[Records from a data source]
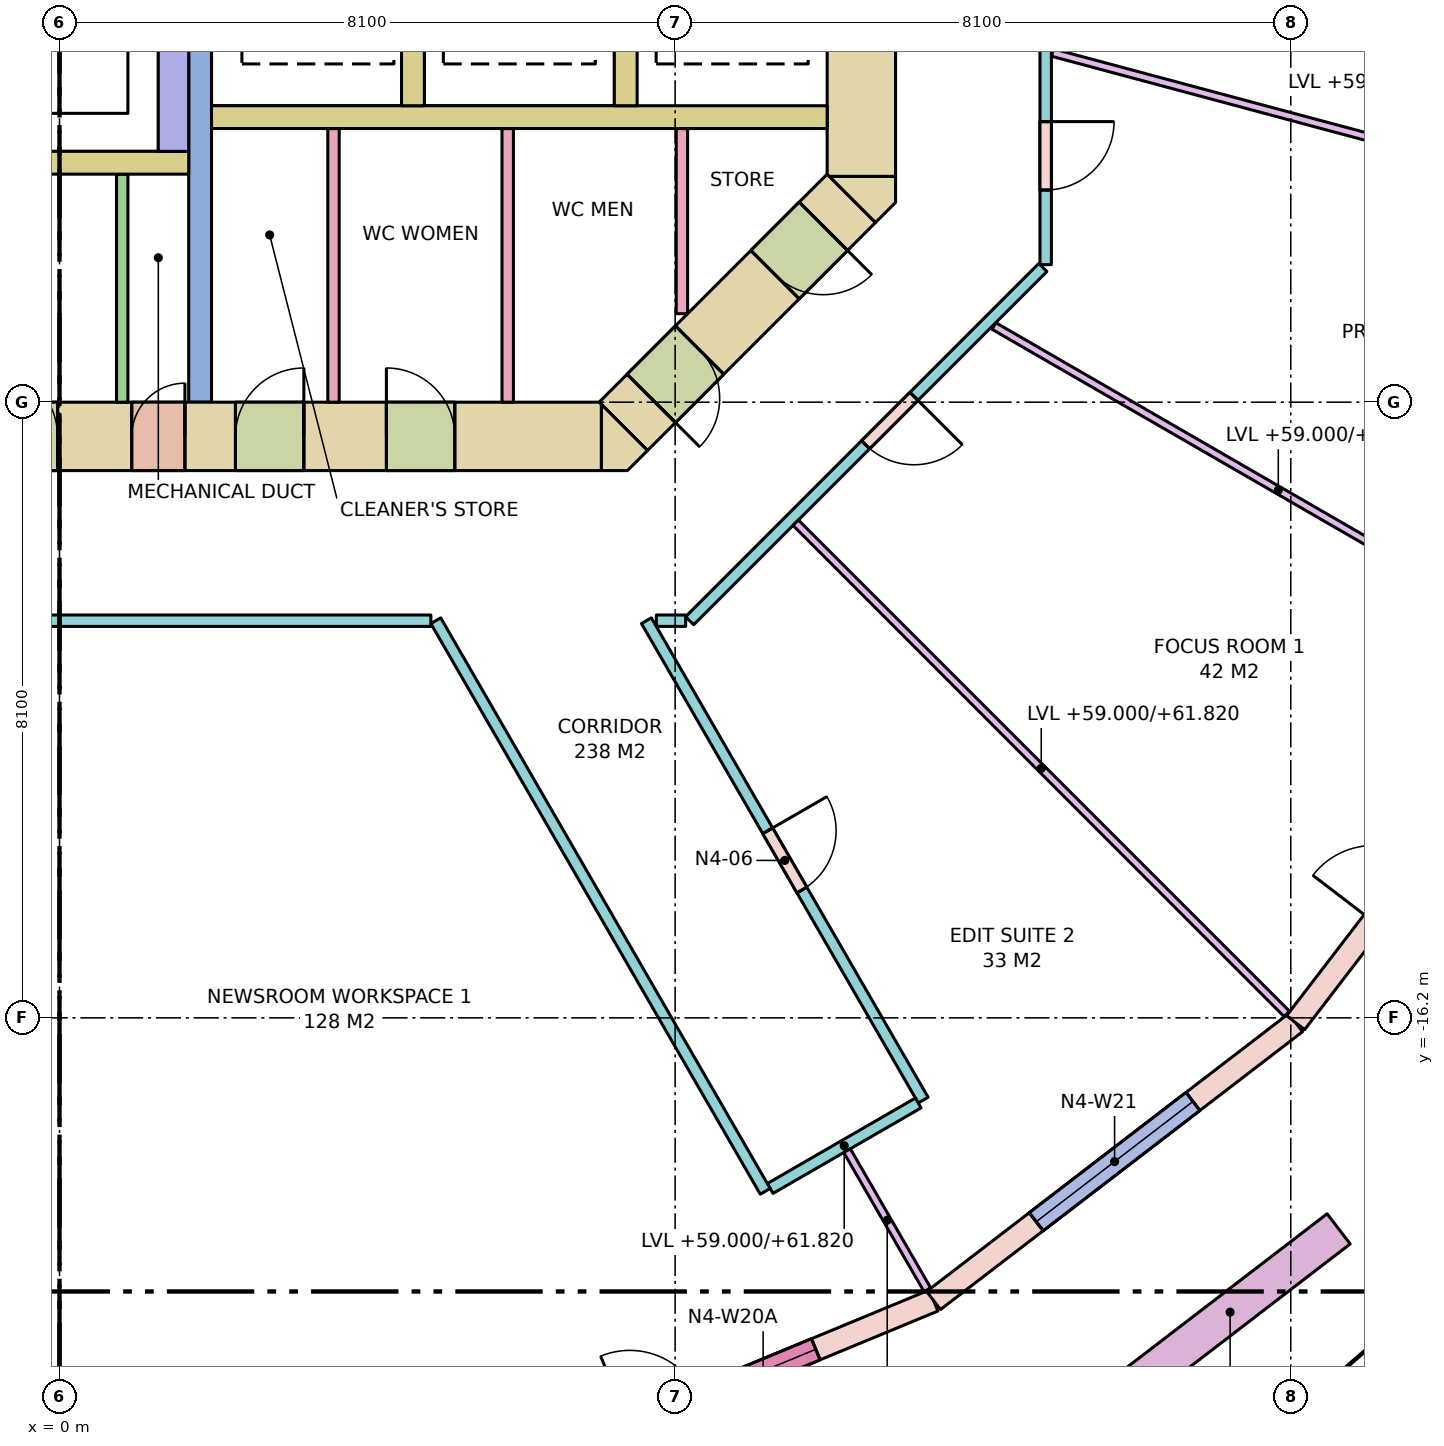
"""IFC4 building model, lengths in metres.
Left out: names, types, materials, properties, quantities, classifications, styles, units other than length and angle.
Written with IfcOpenShell. Run it as: python <this file> out.ifc"""

import sys

from ifc_helpers import new_model, si_unit, direction, frame, frame_2d, origin, place, context, subcontext, project, spatial, polyline, rectangle, outline, extrude, element, fill, save


model = new_model("IFC4")
c1 = context("Model", 3, precision=1e-05, world=origin(), true_north=direction((0.0, 1.0)))
c2 = subcontext(c1, "Body", "Model", "MODEL_VIEW")
j1 = project(units=[si_unit("LENGTHUNIT", "METRE"), si_unit("PLANEANGLEUNIT", "RADIAN")], contexts=[c1])
p1 = place(None, origin())
s1 = spatial("IfcSite", under=j1, at=p1, CompositionType="ELEMENT")
p2 = place(p1, origin())
s2 = spatial("IfcBuilding", under=s1, at=p2, CompositionType="ELEMENT")
p3 = place(p2, frame((0.0, 0.0, 59.0)))
s3 = spatial("IfcBuildingStorey", under=s2, at=p3, CompositionType="ELEMENT", Elevation=59.0)
p4 = place(p3, frame((-7.13, -8.55, -0.28), z_axis=(0.0, 0.0, 1.0), x_axis=(1.0, 0.0, 0.0)))
e1 = element("IfcWall", 1, at=p4, inside=s3, PredefinedType="SHEAR", context=c2, shape_type="SweptSolid", body=[
    extrude(rectangle(XDim=14.26, YDim=0.9, at=frame_2d((7.13, 0.0))), origin(), (0.0, 0.0, 1.0), 4.0),
])
p5 = place(p4, frame((8.08, 0.0, 0.28)))
e2 = element("IfcOpeningElement", 2, at=p5, cuts=e1, PredefinedType="OPENING", context=c2, shape_type="SweptSolid", body=[
    extrude(rectangle(XDim=0.7, YDim=2.1, at=frame_2d((0.35, 1.05))), frame((0.0, 0.46, 0.0), z_axis=(0.0, -1.0, 0.0), x_axis=(1.0, 0.0, 0.0)), (0.0, 0.0, 1.0), 0.92),
])
p6 = place(p4, frame((6.205, 0.0, 0.28)))
e3 = element("IfcOpeningElement", 3, at=p6, cuts=e1, PredefinedType="OPENING", context=c2, shape_type="SweptSolid", body=[
    extrude(rectangle(XDim=0.9, YDim=2.1, at=frame_2d((0.45, 1.05))), frame((0.0, 0.46, 0.0), z_axis=(0.0, -1.0, 0.0), x_axis=(1.0, 0.0, 0.0)), (0.0, 0.0, 1.0), 0.92),
])
p7 = place(p4, frame((9.445, 0.0, 0.28)))
e4 = element("IfcOpeningElement", 4, at=p7, cuts=e1, PredefinedType="OPENING", context=c2, shape_type="SweptSolid", body=[
    extrude(rectangle(XDim=0.9, YDim=2.1, at=frame_2d((0.45, 1.05))), frame((0.0, 0.46, 0.0), z_axis=(0.0, -1.0, 0.0), x_axis=(1.0, 0.0, 0.0)), (0.0, 0.0, 1.0), 0.92),
])
p8 = place(p4, frame((11.431, 0.0, 0.28)))
e5 = element("IfcOpeningElement", 5, at=p8, cuts=e1, PredefinedType="OPENING", context=c2, shape_type="SweptSolid", body=[
    extrude(rectangle(XDim=0.9, YDim=2.1, at=frame_2d((0.45, 1.05))), frame((0.0, 0.46, 0.0), z_axis=(0.0, -1.0, 0.0), x_axis=(1.0, 0.0, 0.0)), (0.0, 0.0, 1.0), 0.92),
])
p9 = place(p3, frame((10.55, -5.13, -0.28), z_axis=(0.0, 0.0, 1.0), x_axis=(0.0, 1.0, 0.0)))
e6 = element("IfcWall", 6, at=p9, inside=s3, PredefinedType="SHEAR", context=c2, shape_type="SweptSolid", body=[
    extrude(rectangle(XDim=10.26, YDim=0.9, at=frame_2d((5.13, 0.0))), origin(), (0.0, 0.0, 1.0), 4.0),
])
p10 = place(p9, frame((4.13, 0.0, 0.28)))
e7 = element("IfcOpeningElement", 7, at=p10, cuts=e6, PredefinedType="OPENING", context=c2, shape_type="SweptSolid", body=[
    extrude(rectangle(XDim=2.0, YDim=2.1, at=frame_2d((1.0, 1.05))), frame((0.0, 0.46, 0.0), z_axis=(0.0, -1.0, 0.0), x_axis=(1.0, 0.0, 0.0)), (0.0, 0.0, 1.0), 0.92),
])
p11 = place(p3, frame((10.418, -5.418, -0.28), z_axis=(0.0, 0.0, 1.0), x_axis=(-0.707106781187, -0.707106781187, 0.0)))
e8 = element("IfcWall", 8, at=p11, inside=s3, PredefinedType="SHEAR", context=c2, shape_type="SweptSolid", body=[
    extrude(rectangle(XDim=4.243, YDim=0.9, at=frame_2d((2.121, 0.0))), origin(), (0.0, 0.0, 1.0), 4.0),
])
p12 = place(p11, frame((2.823, 0.0, 0.28)))
e9 = element("IfcOpeningElement", 9, at=p12, cuts=e8, PredefinedType="OPENING", context=c2, shape_type="SweptSolid", body=[
    extrude(rectangle(XDim=0.9, YDim=2.1, at=frame_2d((0.45, 1.05))), frame((0.0, 0.46, 0.0), z_axis=(0.0, -1.0, 0.0), x_axis=(1.0, 0.0, 0.0)), (0.0, 0.0, 1.0), 0.92),
])
p13 = place(p11, frame((0.52, 0.0, 0.28)))
e10 = element("IfcOpeningElement", 10, at=p13, cuts=e8, PredefinedType="OPENING", context=c2, shape_type="SweptSolid", body=[
    extrude(rectangle(XDim=0.9, YDim=2.1, at=frame_2d((0.45, 1.05))), frame((0.0, 0.46, 0.0), z_axis=(0.0, -1.0, 0.0), x_axis=(1.0, 0.0, 0.0)), (0.0, 0.0, 1.0), 0.92),
])
p14 = place(p3, frame((0.0, 0.0, -0.28)))
e11 = element("IfcWall", 11, at=p14, inside=s3, PredefinedType="SHEAR", context=c2, shape_type="SweptSolid", body=[
    extrude(outline(polyline([(7.473, -9.0), (7.13, -9.0), (7.13, -8.13), (7.736, -8.736), (7.473, -9.0)])), origin(), (0.0, 0.0, 1.0), 4.0),
])
p15 = place(p3, frame((0.0, 0.0, -0.28)))
e12 = element("IfcWall", 12, at=p15, inside=s3, PredefinedType="SHEAR", context=c2, shape_type="SweptSolid", body=[
    extrude(outline(polyline([(11.0, -5.473), (10.736, -5.736), (10.13, -5.13), (11.0, -5.13), (11.0, -5.473)])), origin(), (0.0, 0.0, 1.0), 4.0),
])
p16 = place(p3, frame((2.0, -4.35, 0.0), z_axis=(0.0, 0.0, 1.0), x_axis=(1.0, 0.0, 0.0)))
e13 = element("IfcWall", 13, at=p16, inside=s3, PredefinedType="SOLIDWALL", context=c2, shape_type="SweptSolid", body=[
    extrude(rectangle(XDim=8.1, YDim=0.3, at=frame_2d((4.05, 0.0))), origin(), (0.0, 0.0, 1.0), 3.72),
])
for number, where, z_axis, x_axis in (
    (14, (4.65, -4.2, 0.0), (0.0, 0.0, 1.0), (0.0, 1.0, 0.0)),
    (15, (7.45, -4.2, 0.0), (0.0, 0.0, 1.0), (0.0, 1.0, 0.0)),
):
    element("IfcWall", number, at=place(p3, frame(where, z_axis=z_axis, x_axis=x_axis)), inside=s3, PredefinedType="SOLIDWALL", context=c2, shape_type="SweptSolid", body=[
        extrude(rectangle(XDim=2.4, YDim=0.3, at=frame_2d((1.2, 0.0))), origin(), (0.0, 0.0, 1.0), 3.72),
    ])
p17 = place(p3, frame((1.85, -8.1, 0.0), z_axis=(0.0, 0.0, 1.0), x_axis=(0.0, 1.0, 0.0)))
e16 = element("IfcWall", 16, at=p17, inside=s3, PredefinedType="SHEAR", context=c2, shape_type="SweptSolid", body=[
    extrude(rectangle(XDim=6.6, YDim=0.3, at=frame_2d((3.3, 0.0))), origin(), (0.0, 0.0, 1.0), 3.72),
])
p18 = place(p3, frame((1.5, -4.8, 0.0), z_axis=(0.0, 0.0, 1.0), x_axis=(0.0, 1.0, 0.0)))
e17 = element("IfcWall", 17, at=p18, inside=s3, PredefinedType="SOLIDWALL", context=c2, shape_type="SweptSolid", body=[
    extrude(rectangle(XDim=3.0, YDim=0.4, at=frame_2d((1.5, 0.0))), origin(), (0.0, 0.0, 1.0), 3.72),
])
p19 = place(p3, frame((-1.7, -4.95, 0.0), z_axis=(0.0, 0.0, 1.0), x_axis=(1.0, 0.0, 0.0)))
e18 = element("IfcWall", 18, at=p19, inside=s3, PredefinedType="SOLIDWALL", context=c2, shape_type="SweptSolid", body=[
    extrude(rectangle(XDim=3.4, YDim=0.3, at=frame_2d((1.7, 0.0))), origin(), (0.0, 0.0, 1.0), 3.72),
])
p20 = place(p3, frame((5.953, -22.216, 0.0), z_axis=(0.0, 0.0, 1.0), x_axis=(0.923884511653, 0.382671411433, 0.0)))
e19 = element("IfcWall", 19, at=p20, inside=s3, PredefinedType="STANDARD", context=c2, shape_type="SweptSolid", body=[
    extrude(rectangle(XDim=6.004, YDim=0.3, at=frame_2d((3.002, 0.0))), origin(), (0.0, 0.0, 1.0), 3.72),
])
p21 = place(p20, frame((1.677, 0.0, 0.0)))
e20 = element("IfcOpeningElement", 20, at=p21, cuts=e19, PredefinedType="OPENING", context=c2, shape_type="SweptSolid", body=[
    extrude(rectangle(XDim=1.0, YDim=2.4, at=frame_2d((0.5, 1.2))), frame((0.0, 0.16, 0.0), z_axis=(0.0, -1.0, 0.0), x_axis=(1.0, 0.0, 0.0)), (0.0, 0.0, 1.0), 0.32),
])
p22 = place(p20, frame((2.827, 0.0, 0.8)))
e21 = element("IfcOpeningElement", 21, at=p22, cuts=e19, PredefinedType="OPENING", context=c2, shape_type="SweptSolid", body=[
    extrude(rectangle(XDim=1.5, YDim=2.7, at=frame_2d((0.75, 1.35))), frame((0.0, 0.16, 0.0), z_axis=(0.0, -1.0, 0.0), x_axis=(1.0, 0.0, 0.0)), (0.0, 0.0, 1.0), 0.32),
])
p23 = place(p3, frame((11.5, -19.919, 0.0), z_axis=(0.0, 0.0, 1.0), x_axis=(0.793339924758, 0.608778912074, 0.0)))
e22 = element("IfcWall", 22, at=p23, inside=s3, PredefinedType="STANDARD", context=c2, shape_type="SweptSolid", body=[
    extrude(rectangle(XDim=6.004, YDim=0.3, at=frame_2d((3.002, 0.0))), origin(), (0.0, 0.0, 1.0), 3.72),
])
p24 = place(p23, frame((1.702, 0.0, 0.8)))
e23 = element("IfcOpeningElement", 23, at=p24, cuts=e22, PredefinedType="OPENING", context=c2, shape_type="SweptSolid", body=[
    extrude(rectangle(XDim=2.6, YDim=2.7, at=frame_2d((1.3, 1.35))), frame((0.0, 0.16, 0.0), z_axis=(0.0, -1.0, 0.0), x_axis=(1.0, 0.0, 0.0)), (0.0, 0.0, 1.0), 0.32),
])
p25 = place(p3, frame((16.263, -16.263, 0.0), z_axis=(0.0, 0.0, 1.0), x_axis=(0.608778912074, 0.793339924758, 0.0)))
e24 = element("IfcWall", 24, at=p25, inside=s3, PredefinedType="STANDARD", context=c2, shape_type="SweptSolid", body=[
    extrude(rectangle(XDim=6.004, YDim=0.3, at=frame_2d((3.002, 0.0))), origin(), (0.0, 0.0, 1.0), 3.72),
])
p26 = place(p25, frame((1.677, 0.0, 0.0)))
e25 = element("IfcOpeningElement", 25, at=p26, cuts=e24, PredefinedType="OPENING", context=c2, shape_type="SweptSolid", body=[
    extrude(rectangle(XDim=1.0, YDim=2.4, at=frame_2d((0.5, 1.2))), frame((0.0, 0.16, 0.0), z_axis=(0.0, -1.0, 0.0), x_axis=(1.0, 0.0, 0.0)), (0.0, 0.0, 1.0), 0.32),
])
p27 = place(p25, frame((2.827, 0.0, 0.8)))
e26 = element("IfcOpeningElement", 26, at=p27, cuts=e24, PredefinedType="OPENING", context=c2, shape_type="SweptSolid", body=[
    extrude(rectangle(XDim=1.5, YDim=2.7, at=frame_2d((0.75, 1.35))), frame((0.0, 0.16, 0.0), z_axis=(0.0, -1.0, 0.0), x_axis=(1.0, 0.0, 0.0)), (0.0, 0.0, 1.0), 0.32),
])
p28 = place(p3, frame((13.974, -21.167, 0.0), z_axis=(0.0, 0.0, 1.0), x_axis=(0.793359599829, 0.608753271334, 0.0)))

PROMPT :: From the data above, output only the lines between the line containing "p10 = place(p9, frame((4.13, 0.0, 0.28)))" and the line containing "for number, where, z_axis, x_axis", inclusive, exactly as written.

WRITTEN SOLUTION ::
p10 = place(p9, frame((4.13, 0.0, 0.28)))
e7 = element("IfcOpeningElement", 7, at=p10, cuts=e6, PredefinedType="OPENING", context=c2, shape_type="SweptSolid", body=[
    extrude(rectangle(XDim=2.0, YDim=2.1, at=frame_2d((1.0, 1.05))), frame((0.0, 0.46, 0.0), z_axis=(0.0, -1.0, 0.0), x_axis=(1.0, 0.0, 0.0)), (0.0, 0.0, 1.0), 0.92),
])
p11 = place(p3, frame((10.418, -5.418, -0.28), z_axis=(0.0, 0.0, 1.0), x_axis=(-0.707106781187, -0.707106781187, 0.0)))
e8 = element("IfcWall", 8, at=p11, inside=s3, PredefinedType="SHEAR", context=c2, shape_type="SweptSolid", body=[
    extrude(rectangle(XDim=4.243, YDim=0.9, at=frame_2d((2.121, 0.0))), origin(), (0.0, 0.0, 1.0), 4.0),
])
p12 = place(p11, frame((2.823, 0.0, 0.28)))
e9 = element("IfcOpeningElement", 9, at=p12, cuts=e8, PredefinedType="OPENING", context=c2, shape_type="SweptSolid", body=[
    extrude(rectangle(XDim=0.9, YDim=2.1, at=frame_2d((0.45, 1.05))), frame((0.0, 0.46, 0.0), z_axis=(0.0, -1.0, 0.0), x_axis=(1.0, 0.0, 0.0)), (0.0, 0.0, 1.0), 0.92),
])
p13 = place(p11, frame((0.52, 0.0, 0.28)))
e10 = element("IfcOpeningElement", 10, at=p13, cuts=e8, PredefinedType="OPENING", context=c2, shape_type="SweptSolid", body=[
    extrude(rectangle(XDim=0.9, YDim=2.1, at=frame_2d((0.45, 1.05))), frame((0.0, 0.46, 0.0), z_axis=(0.0, -1.0, 0.0), x_axis=(1.0, 0.0, 0.0)), (0.0, 0.0, 1.0), 0.92),
])
p14 = place(p3, frame((0.0, 0.0, -0.28)))
e11 = element("IfcWall", 11, at=p14, inside=s3, PredefinedType="SHEAR", context=c2, shape_type="SweptSolid", body=[
    extrude(outline(polyline([(7.473, -9.0), (7.13, -9.0), (7.13, -8.13), (7.736, -8.736), (7.473, -9.0)])), origin(), (0.0, 0.0, 1.0), 4.0),
])
p15 = place(p3, frame((0.0, 0.0, -0.28)))
e12 = element("IfcWall", 12, at=p15, inside=s3, PredefinedType="SHEAR", context=c2, shape_type="SweptSolid", body=[
    extrude(outline(polyline([(11.0, -5.473), (10.736, -5.736), (10.13, -5.13), (11.0, -5.13), (11.0, -5.473)])), origin(), (0.0, 0.0, 1.0), 4.0),
])
p16 = place(p3, frame((2.0, -4.35, 0.0), z_axis=(0.0, 0.0, 1.0), x_axis=(1.0, 0.0, 0.0)))
e13 = element("IfcWall", 13, at=p16, inside=s3, PredefinedType="SOLIDWALL", context=c2, shape_type="SweptSolid", body=[
    extrude(rectangle(XDim=8.1, YDim=0.3, at=frame_2d((4.05, 0.0))), origin(), (0.0, 0.0, 1.0), 3.72),
])
for number, where, z_axis, x_axis in (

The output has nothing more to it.